**TO DO**
List every line in this data where the string "CompositionType" occurs.

**DATASET RECORDS**
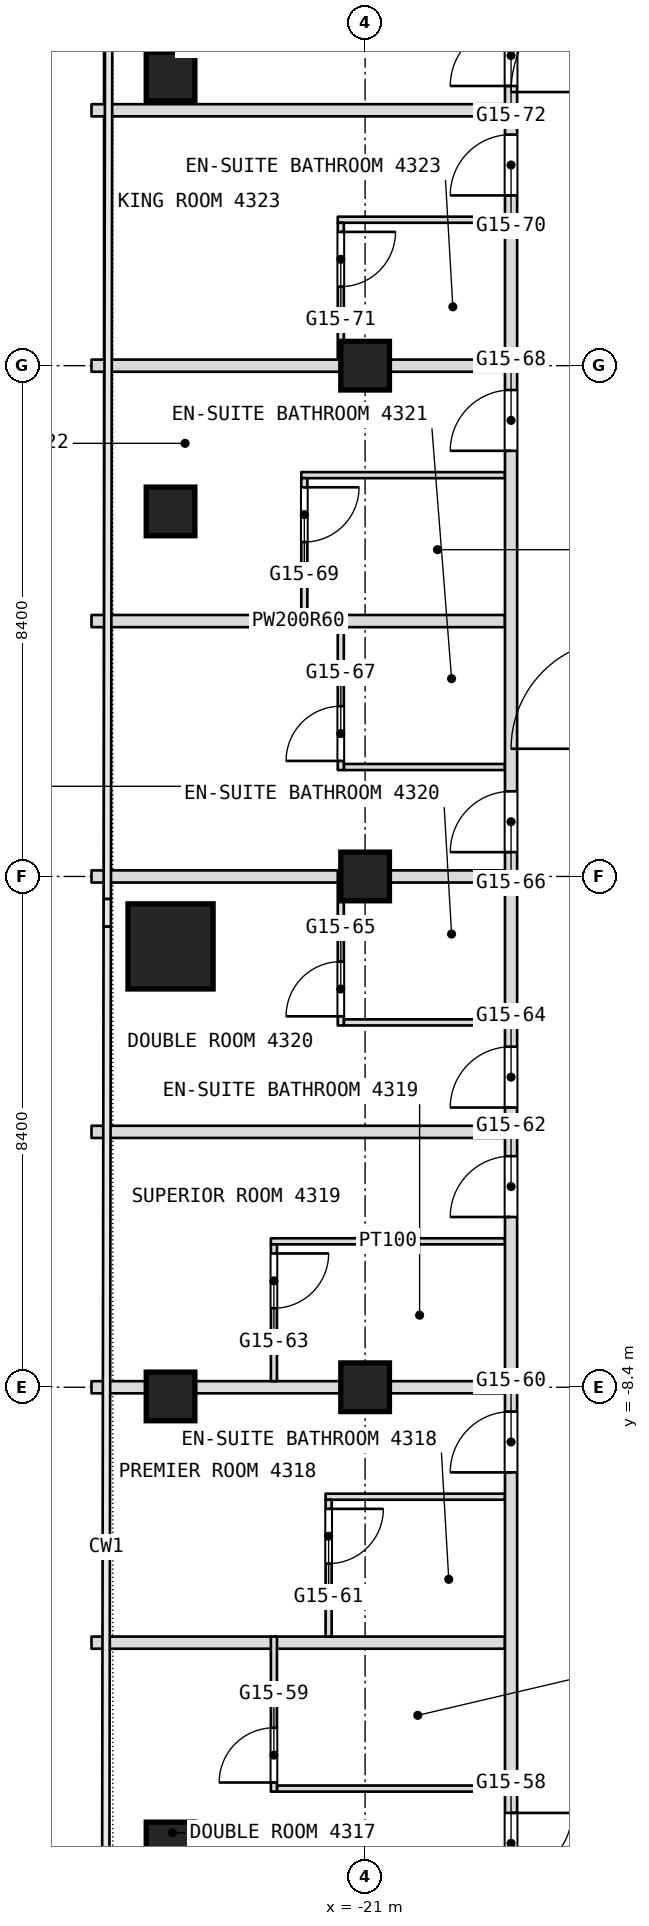
"""IFC4 building model, lengths in metres.
Left out: names, types, materials, properties, quantities, classifications, styles, units other than length and angle.
Written with IfcOpenShell. Run it as: python <this file> out.ifc"""

import sys

from ifc_helpers import new_model, si_unit, direction, frame, frame_2d, origin, origin_2d, place, context, subcontext, project, spatial, rectangle, extrude, element, fill, save


model = new_model("IFC4")
c1 = context("Model", 3, precision=1e-05, world=origin(), true_north=direction((0.0, 1.0)))
c2 = subcontext(c1, "Body", "Model", "MODEL_VIEW")
j1 = project(units=[si_unit("LENGTHUNIT", "METRE"), si_unit("PLANEANGLEUNIT", "RADIAN")], contexts=[c1])
p1 = place(None, origin())
s1 = spatial("IfcSite", under=j1, at=p1, CompositionType="ELEMENT")
p2 = place(p1, origin())
s2 = spatial("IfcBuilding", under=s1, at=p2, CompositionType="ELEMENT")
p3 = place(p2, frame((0.0, 0.0, 191.3)))
s3 = spatial("IfcBuildingStorey", under=s2, at=p3, CompositionType="ELEMENT", Elevation=191.3)
p4 = place(p3, frame((-24.2, -1.15, 0.0), z_axis=(0.0, 0.0, 1.0), x_axis=(1.0, 0.0, 0.0)))
e1 = element("IfcColumn", 1, at=p4, inside=s3, PredefinedType="COLUMN", context=c2, shape_type="SweptSolid", body=[
    extrude(rectangle(XDim=1.4, YDim=1.4, at=origin_2d()), origin(), (0.0, 0.0, 1.0), 3.6),
])
for number, where, z_axis, x_axis in (
    (2, (-21.0, -8.4, 0.0), (0.0, 0.0, 1.0), (1.0, 0.0, 0.0)),
    (3, (-21.0, 0.0, 0.0), (0.0, 0.0, 1.0), (1.0, 0.0, 0.0)),
    (4, (-21.0, 8.4, 0.0), (0.0, 0.0, 1.0), (1.0, 0.0, 0.0)),
    (5, (-24.2, -15.952, 0.0), (0.0, 0.0, 1.0), (1.0, 0.0, 0.0)),
    (6, (-24.2, -8.551, 0.0), (0.0, 0.0, 1.0), (1.0, 0.0, 0.0)),
    (7, (-24.2, 6.003, 0.0), (0.0, 0.0, 1.0), (1.0, 0.0, 0.0)),
    (8, (-24.2, 13.156, 0.0), (0.0, 0.0, 1.0), (1.0, 0.0, 0.0)),
):
    element("IfcColumn", number, at=place(p3, frame(where, z_axis=z_axis, x_axis=x_axis)), inside=s3, PredefinedType="COLUMN", context=c2, shape_type="SweptSolid", body=[
        extrude(rectangle(XDim=0.8, YDim=0.8, at=origin_2d()), origin(), (0.0, 0.0, 1.0), 3.6),
    ])
p5 = place(p3, frame((-22.45, -15.0, 0.0), z_axis=(0.0, 0.0, 1.0), x_axis=(1.0, 0.0, 0.0)))
e9 = element("IfcWall", 9, at=p5, inside=s3, PredefinedType="PARTITIONING", context=c2, shape_type="SweptSolid", body=[
    extrude(rectangle(XDim=3.75, YDim=0.1, at=frame_2d((1.875, 0.0))), origin(), (0.0, 0.0, 1.0), 3.34),
])
p6 = place(p3, frame((-25.5, -12.6, 0.0), z_axis=(0.0, 0.0, 1.0), x_axis=(1.0, 0.0, 0.0)))
e10 = element("IfcWall", 10, at=p6, inside=s3, PredefinedType="PARTITIONING", context=c2, shape_type="SweptSolid", body=[
    extrude(rectangle(XDim=6.8, YDim=0.2, at=frame_2d((3.4, 0.0))), origin(), (0.0, 0.0, 1.0), 3.34),
])
p7 = place(p3, frame((-21.65, -10.2, 0.0), z_axis=(0.0, 0.0, 1.0), x_axis=(1.0, 0.0, 0.0)))
e11 = element("IfcWall", 11, at=p7, inside=s3, PredefinedType="PARTITIONING", context=c2, shape_type="SweptSolid", body=[
    extrude(rectangle(XDim=2.95, YDim=0.1, at=frame_2d((1.475, 0.0))), origin(), (0.0, 0.0, 1.0), 3.34),
])
p8 = place(p3, frame((-25.5, -8.4, 0.0), z_axis=(0.0, 0.0, 1.0), x_axis=(1.0, 0.0, 0.0)))
e12 = element("IfcWall", 12, at=p8, inside=s3, PredefinedType="PARTITIONING", context=c2, shape_type="SweptSolid", body=[
    extrude(rectangle(XDim=6.8, YDim=0.2, at=frame_2d((3.4, 0.0))), origin(), (0.0, 0.0, 1.0), 2.94),
])
p9 = place(p3, frame((-22.55, -6.0, 0.0), z_axis=(0.0, 0.0, 1.0), x_axis=(1.0, 0.0, 0.0)))
e13 = element("IfcWall", 13, at=p9, inside=s3, PredefinedType="PARTITIONING", context=c2, shape_type="SweptSolid", body=[
    extrude(rectangle(XDim=3.85, YDim=0.1, at=frame_2d((1.925, 0.0))), origin(), (0.0, 0.0, 1.0), 3.34),
])
p10 = place(p3, frame((-25.5, -4.2, 0.0), z_axis=(0.0, 0.0, 1.0), x_axis=(1.0, 0.0, 0.0)))
e14 = element("IfcWall", 14, at=p10, inside=s3, PredefinedType="PARTITIONING", context=c2, shape_type="SweptSolid", body=[
    extrude(rectangle(XDim=6.8, YDim=0.2, at=frame_2d((3.4, 0.0))), origin(), (0.0, 0.0, 1.0), 3.34),
])
p11 = place(p3, frame((-21.35, -2.4, 0.0), z_axis=(0.0, 0.0, 1.0), x_axis=(1.0, 0.0, 0.0)))
e15 = element("IfcWall", 15, at=p11, inside=s3, PredefinedType="PARTITIONING", context=c2, shape_type="SweptSolid", body=[
    extrude(rectangle(XDim=2.65, YDim=0.1, at=frame_2d((1.325, 0.0))), origin(), (0.0, 0.0, 1.0), 3.34),
])
p12 = place(p3, frame((-25.5, 0.0, 0.0), z_axis=(0.0, 0.0, 1.0), x_axis=(1.0, 0.0, 0.0)))
e16 = element("IfcWall", 16, at=p12, inside=s3, PredefinedType="PARTITIONING", context=c2, shape_type="SweptSolid", body=[
    extrude(rectangle(XDim=6.8, YDim=0.2, at=frame_2d((3.4, 0.0))), origin(), (0.0, 0.0, 1.0), 2.94),
])
p13 = place(p3, frame((-21.35, 1.8, 0.0), z_axis=(0.0, 0.0, 1.0), x_axis=(1.0, 0.0, 0.0)))
e17 = element("IfcWall", 17, at=p13, inside=s3, PredefinedType="PARTITIONING", context=c2, shape_type="SweptSolid", body=[
    extrude(rectangle(XDim=2.65, YDim=0.1, at=frame_2d((1.325, 0.0))), origin(), (0.0, 0.0, 1.0), 3.34),
])
p14 = place(p3, frame((-25.5, 4.2, 0.0), z_axis=(0.0, 0.0, 1.0), x_axis=(1.0, 0.0, 0.0)))
e18 = element("IfcWall", 18, at=p14, inside=s3, PredefinedType="PARTITIONING", context=c2, shape_type="SweptSolid", body=[
    extrude(rectangle(XDim=6.8, YDim=0.2, at=frame_2d((3.4, 0.0))), origin(), (0.0, 0.0, 1.0), 3.34),
])
p15 = place(p3, frame((-22.05, 6.6, 0.0), z_axis=(0.0, 0.0, 1.0), x_axis=(1.0, 0.0, 0.0)))
e19 = element("IfcWall", 19, at=p15, inside=s3, PredefinedType="PARTITIONING", context=c2, shape_type="SweptSolid", body=[
    extrude(rectangle(XDim=3.35, YDim=0.1, at=frame_2d((1.675, 0.0))), origin(), (0.0, 0.0, 1.0), 3.34),
])
p16 = place(p3, frame((-25.5, 8.4, 0.0), z_axis=(0.0, 0.0, 1.0), x_axis=(1.0, 0.0, 0.0)))
e20 = element("IfcWall", 20, at=p16, inside=s3, PredefinedType="PARTITIONING", context=c2, shape_type="SweptSolid", body=[
    extrude(rectangle(XDim=6.8, YDim=0.2, at=frame_2d((3.4, 0.0))), origin(), (0.0, 0.0, 1.0), 2.94),
])
p17 = place(p3, frame((-21.45, 10.8, 0.0), z_axis=(0.0, 0.0, 1.0), x_axis=(1.0, 0.0, 0.0)))
e21 = element("IfcWall", 21, at=p17, inside=s3, PredefinedType="PARTITIONING", context=c2, shape_type="SweptSolid", body=[
    extrude(rectangle(XDim=2.75, YDim=0.1, at=frame_2d((1.375, 0.0))), origin(), (0.0, 0.0, 1.0), 3.34),
])
p18 = place(p3, frame((-25.5, 12.6, 0.0), z_axis=(0.0, 0.0, 1.0), x_axis=(1.0, 0.0, 0.0)))
e22 = element("IfcWall", 22, at=p18, inside=s3, PredefinedType="PARTITIONING", context=c2, shape_type="SweptSolid", body=[
    extrude(rectangle(XDim=6.8, YDim=0.2, at=frame_2d((3.4, 0.0))), origin(), (0.0, 0.0, 1.0), 3.34),
])
p19 = place(p3, frame((-18.6, -26.751, 0.0), z_axis=(0.0, 0.0, 1.0), x_axis=(0.0, 1.0, 0.0)))
e23 = element("IfcWall", 23, at=p19, inside=s3, PredefinedType="PARTITIONING", context=c2, shape_type="SweptSolid", body=[
    extrude(rectangle(XDim=49.091, YDim=0.2, at=frame_2d((24.545, 0.0))), origin(), (0.0, 0.0, 1.0), 3.34),
])
p20 = place(p19, frame((3.413, 0.0, 0.0)))
e24 = element("IfcOpeningElement", 24, at=p20, cuts=e23, PredefinedType="OPENING", context=c2, shape_type="SweptSolid", body=[
    extrude(rectangle(XDim=1.0, YDim=2.1, at=frame_2d((0.5, 1.05))), frame((0.0, 0.1, 0.0), z_axis=(0.0, -1.0, 0.0), x_axis=(1.0, 0.0, 0.0)), (0.0, 0.0, 1.0), 0.2),
])
p21 = place(p19, frame((5.838, 0.0, 0.0)))
e25 = element("IfcOpeningElement", 25, at=p21, cuts=e23, PredefinedType="OPENING", context=c2, shape_type="SweptSolid", body=[
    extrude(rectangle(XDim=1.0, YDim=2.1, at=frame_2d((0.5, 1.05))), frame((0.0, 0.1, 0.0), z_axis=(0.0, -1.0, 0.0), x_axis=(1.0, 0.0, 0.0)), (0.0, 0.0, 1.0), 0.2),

**TASK SOLUTION**
s1 = spatial("IfcSite", under=j1, at=p1, CompositionType="ELEMENT")
s2 = spatial("IfcBuilding", under=s1, at=p2, CompositionType="ELEMENT")
s3 = spatial("IfcBuildingStorey", under=s2, at=p3, CompositionType="ELEMENT", Elevation=191.3)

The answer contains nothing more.